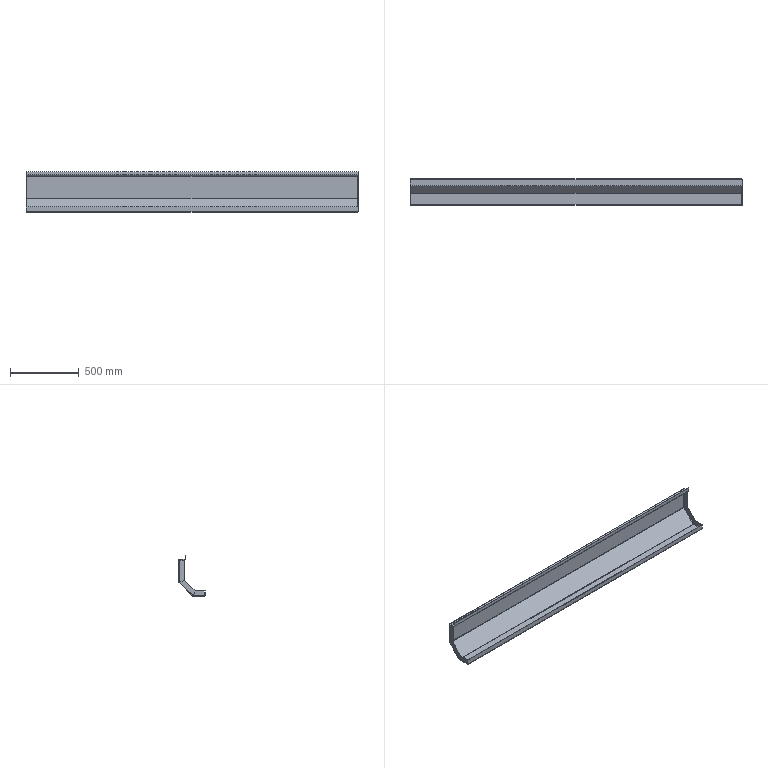Component | NX | UPPER_RIGHT_CROSSBEAM | 1 solid | 90 faces | volume 2507774 mm3 | plane 68 | cylinder 22 | commonest cylinder face diameters 10 x11 6 x11
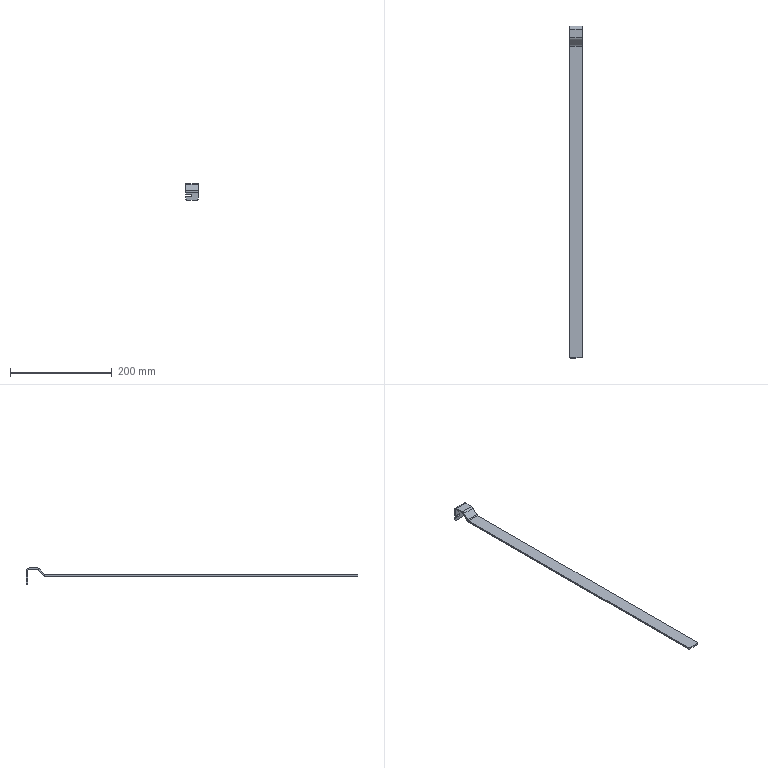Component | SolidWorks | PC-CAJ-P08-1_PM-CAJ-P61-1 | 1 solid | 38 faces | box 25.4 x 651.9 x 31.5 mm | volume 54906 mm3 | plane 28 | cylinder 10 | commonest cylinder face diameters 4 x4 12.7 x3 6.35 x3 | material Plain Carbon Steel
STEP:
#1=COLOUR_RGB('',0.7922,0.8196,0.9333);
#2=FILL_AREA_STYLE_COLOUR('',#1);
#3=FILL_AREA_STYLE('',(#2));
#4=SURFACE_STYLE_FILL_AREA(#3);
#5=SURFACE_SIDE_STYLE('',(#4));
#6=SURFACE_STYLE_USAGE(.BOTH.,#5);
#7=PRESENTATION_STYLE_ASSIGNMENT((#6));
#8=CARTESIAN_POINT('',(0.4213,-26.5,8.548));
#9=VERTEX_POINT('',#8);
#10=CARTESIAN_POINT('',(0.5,-26.421,8.548));
#11=VERTEX_POINT('',#10);
#12=CARTESIAN_POINT('',(0.4213,-26.421,8.548));
#13=DIRECTION('',(0.,0.,1.));
#14=DIRECTION('',(-1.,0.,0.));
#15=AXIS2_PLACEMENT_3D('',#12,#13,#14);
#16=CIRCLE('',#15,0.07874);
#17=EDGE_CURVE('',#9,#11,#16,.T.);
#18=ORIENTED_EDGE('',*,*,#17,.T.);
#19=CARTESIAN_POINT('',(0.5,-26.421,8.673));
#20=VERTEX_POINT('',#19);
#21=CARTESIAN_POINT('',(0.5,-26.421,8.611));
#22=DIRECTION('',(-0.,0.,1.));
#23=VECTOR('',#22,39.37);
#24=LINE('',#21,#23);
#25=EDGE_CURVE('',#11,#20,#24,.T.);
#26=ORIENTED_EDGE('',*,*,#25,.T.);
#27=CARTESIAN_POINT('',(0.4213,-26.5,8.673));
#28=VERTEX_POINT('',#27);
#29=CARTESIAN_POINT('',(0.4213,-26.421,8.673));
#30=DIRECTION('',(-0.,-0.,-1.));
#31=DIRECTION('',(-1.,0.,0.));
#32=AXIS2_PLACEMENT_3D('',#29,#30,#31);
#33=CIRCLE('',#32,0.07874);
#34=EDGE_CURVE('',#20,#28,#33,.T.);
#35=ORIENTED_EDGE('',*,*,#34,.T.);
#36=CARTESIAN_POINT('',(0.4213,-26.5,8.611));
#37=DIRECTION('',(0.,-0.,-1.));
#38=VECTOR('',#37,39.37);
#39=LINE('',#36,#38);
#40=EDGE_CURVE('',#28,#9,#39,.T.);
#41=ORIENTED_EDGE('',*,*,#40,.T.);
#42=EDGE_LOOP('',(#18,#26,#35,#41));
#43=FACE_OUTER_BOUND('',#42,.T.);
#44=CARTESIAN_POINT('',(0.4213,-26.421,8.673));
#45=DIRECTION('',(-0.,-0.,-1.));
#46=DIRECTION('',(-1.,0.,0.));
#47=AXIS2_PLACEMENT_3D('',#44,#45,#46);
#48=CYLINDRICAL_SURFACE('',#47,0.07874);
#49=ADVANCED_FACE('',(#43),#48,.T.);
#50=CARTESIAN_POINT('',(0.5,-2.391,8.548));
#51=VERTEX_POINT('',#50);
#52=CARTESIAN_POINT('',(0.5,-2.391,8.673));
#53=VERTEX_POINT('',#52);
#54=CARTESIAN_POINT('',(0.5,-2.391,8.611));
#55=DIRECTION('',(-0.,0.,1.));
#56=VECTOR('',#55,39.37);
#57=LINE('',#54,#56);
#58=EDGE_CURVE('',#51,#53,#57,.T.);
#59=ORIENTED_EDGE('',*,*,#58,.T.);
#60=CARTESIAN_POINT('',(0.5,-14.406,8.673));
#61=DIRECTION('',(-0.,-1.,0.));
#62=VECTOR('',#61,39.37);
#63=LINE('',#60,#62);
#64=EDGE_CURVE('',#53,#20,#63,.T.);
#65=ORIENTED_EDGE('',*,*,#64,.T.);
#66=ORIENTED_EDGE('',*,*,#25,.F.);
#67=CARTESIAN_POINT('',(0.5,-14.406,8.548));
#68=DIRECTION('',(0.,1.,-0.));
#69=VECTOR('',#68,39.37);
#70=LINE('',#67,#69);
#71=EDGE_CURVE('',#11,#51,#70,.T.);
#72=ORIENTED_EDGE('',*,*,#71,.T.);
#73=EDGE_LOOP('',(#59,#65,#66,#72));
#74=FACE_OUTER_BOUND('',#73,.T.);
#75=CARTESIAN_POINT('',(0.5,-26.421,8.673));
#76=DIRECTION('',(1.,-0.,0.));
#77=DIRECTION('',(0.,-0.,-1.));
#78=AXIS2_PLACEMENT_3D('',#75,#76,#77);
#79=PLANE('',#78);
#80=ADVANCED_FACE('',(#74),#79,.T.);
#81=CARTESIAN_POINT('',(-0.5,-2.391,8.548));
#82=VERTEX_POINT('',#81);
#83=CARTESIAN_POINT('',(0.,-2.391,8.548));
#84=DIRECTION('',(1.,-0.,0.));
#85=VECTOR('',#84,39.37);
#86=LINE('',#83,#85);
#87=EDGE_CURVE('',#82,#51,#86,.T.);
#88=ORIENTED_EDGE('',*,*,#87,.T.);
#89=ORIENTED_EDGE('',*,*,#71,.F.);
#90=ORIENTED_EDGE('',*,*,#17,.F.);
#91=CARTESIAN_POINT('',(-0.4213,-26.5,8.548));
#92=VERTEX_POINT('',#91);
#93=CARTESIAN_POINT('',(-0.,-26.5,8.548));
#94=DIRECTION('',(-1.,0.,-0.));
#95=VECTOR('',#94,39.37);
#96=LINE('',#93,#95);
#97=EDGE_CURVE('',#9,#92,#96,.T.);
#98=ORIENTED_EDGE('',*,*,#97,.T.);
#99=CARTESIAN_POINT('',(-0.5,-26.421,8.548));
#100=VERTEX_POINT('',#99);
#101=CARTESIAN_POINT('',(-0.4213,-26.421,8.548));
#102=DIRECTION('',(0.,-0.,-1.));
#103=DIRECTION('',(-0.,-1.,0.));
#104=AXIS2_PLACEMENT_3D('',#101,#102,#103);
#105=CIRCLE('',#104,0.07874);
#106=EDGE_CURVE('',#92,#100,#105,.T.);
#107=ORIENTED_EDGE('',*,*,#106,.T.);
#108=CARTESIAN_POINT('',(-0.5,-14.445,8.548));
#109=DIRECTION('',(0.,1.,-0.));
#110=VECTOR('',#109,39.37);
#111=LINE('',#108,#110);
#112=EDGE_CURVE('',#100,#82,#111,.T.);
#113=ORIENTED_EDGE('',*,*,#112,.T.);
#114=EDGE_LOOP('',(#88,#89,#90,#98,#107,#113));
#115=FACE_OUTER_BOUND('',#114,.T.);
#116=CARTESIAN_POINT('',(0.5,-2.391,8.548));
#117=DIRECTION('',(0.,-0.,-1.));
#118=DIRECTION('',(-0.,-1.,0.));
#119=AXIS2_PLACEMENT_3D('',#116,#117,#118);
#120=PLANE('',#119);
#121=ADVANCED_FACE('',(#115),#120,.T.);
#122=CARTESIAN_POINT('',(-0.4213,-26.5,8.673));
#123=VERTEX_POINT('',#122);
#124=CARTESIAN_POINT('',(-0.4213,-26.5,8.611));
#125=DIRECTION('',(0.,-0.,-1.));
#126=VECTOR('',#125,39.37);
#127=LINE('',#124,#126);
#128=EDGE_CURVE('',#123,#92,#127,.T.);
#129=ORIENTED_EDGE('',*,*,#128,.T.);
#130=ORIENTED_EDGE('',*,*,#97,.F.);
#131=ORIENTED_EDGE('',*,*,#40,.F.);
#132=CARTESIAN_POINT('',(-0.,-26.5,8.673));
****
AIM OF THE EXERCISE: Please write out, exactly as they appear above, only the lines in the stretch from the line with "#111=LINE('',#108,#110);" through the line with "#131=ORIENTED_EDGE('',*,*,#40,.F.);".

REPLY:
#111=LINE('',#108,#110);
#112=EDGE_CURVE('',#100,#82,#111,.T.);
#113=ORIENTED_EDGE('',*,*,#112,.T.);
#114=EDGE_LOOP('',(#88,#89,#90,#98,#107,#113));
#115=FACE_OUTER_BOUND('',#114,.T.);
#116=CARTESIAN_POINT('',(0.5,-2.391,8.548));
#117=DIRECTION('',(0.,-0.,-1.));
#118=DIRECTION('',(-0.,-1.,0.));
#119=AXIS2_PLACEMENT_3D('',#116,#117,#118);
#120=PLANE('',#119);
#121=ADVANCED_FACE('',(#115),#120,.T.);
#122=CARTESIAN_POINT('',(-0.4213,-26.5,8.673));
#123=VERTEX_POINT('',#122);
#124=CARTESIAN_POINT('',(-0.4213,-26.5,8.611));
#125=DIRECTION('',(0.,-0.,-1.));
#126=VECTOR('',#125,39.37);
#127=LINE('',#124,#126);
#128=EDGE_CURVE('',#123,#92,#127,.T.);
#129=ORIENTED_EDGE('',*,*,#128,.T.);
#130=ORIENTED_EDGE('',*,*,#97,.F.);
#131=ORIENTED_EDGE('',*,*,#40,.F.);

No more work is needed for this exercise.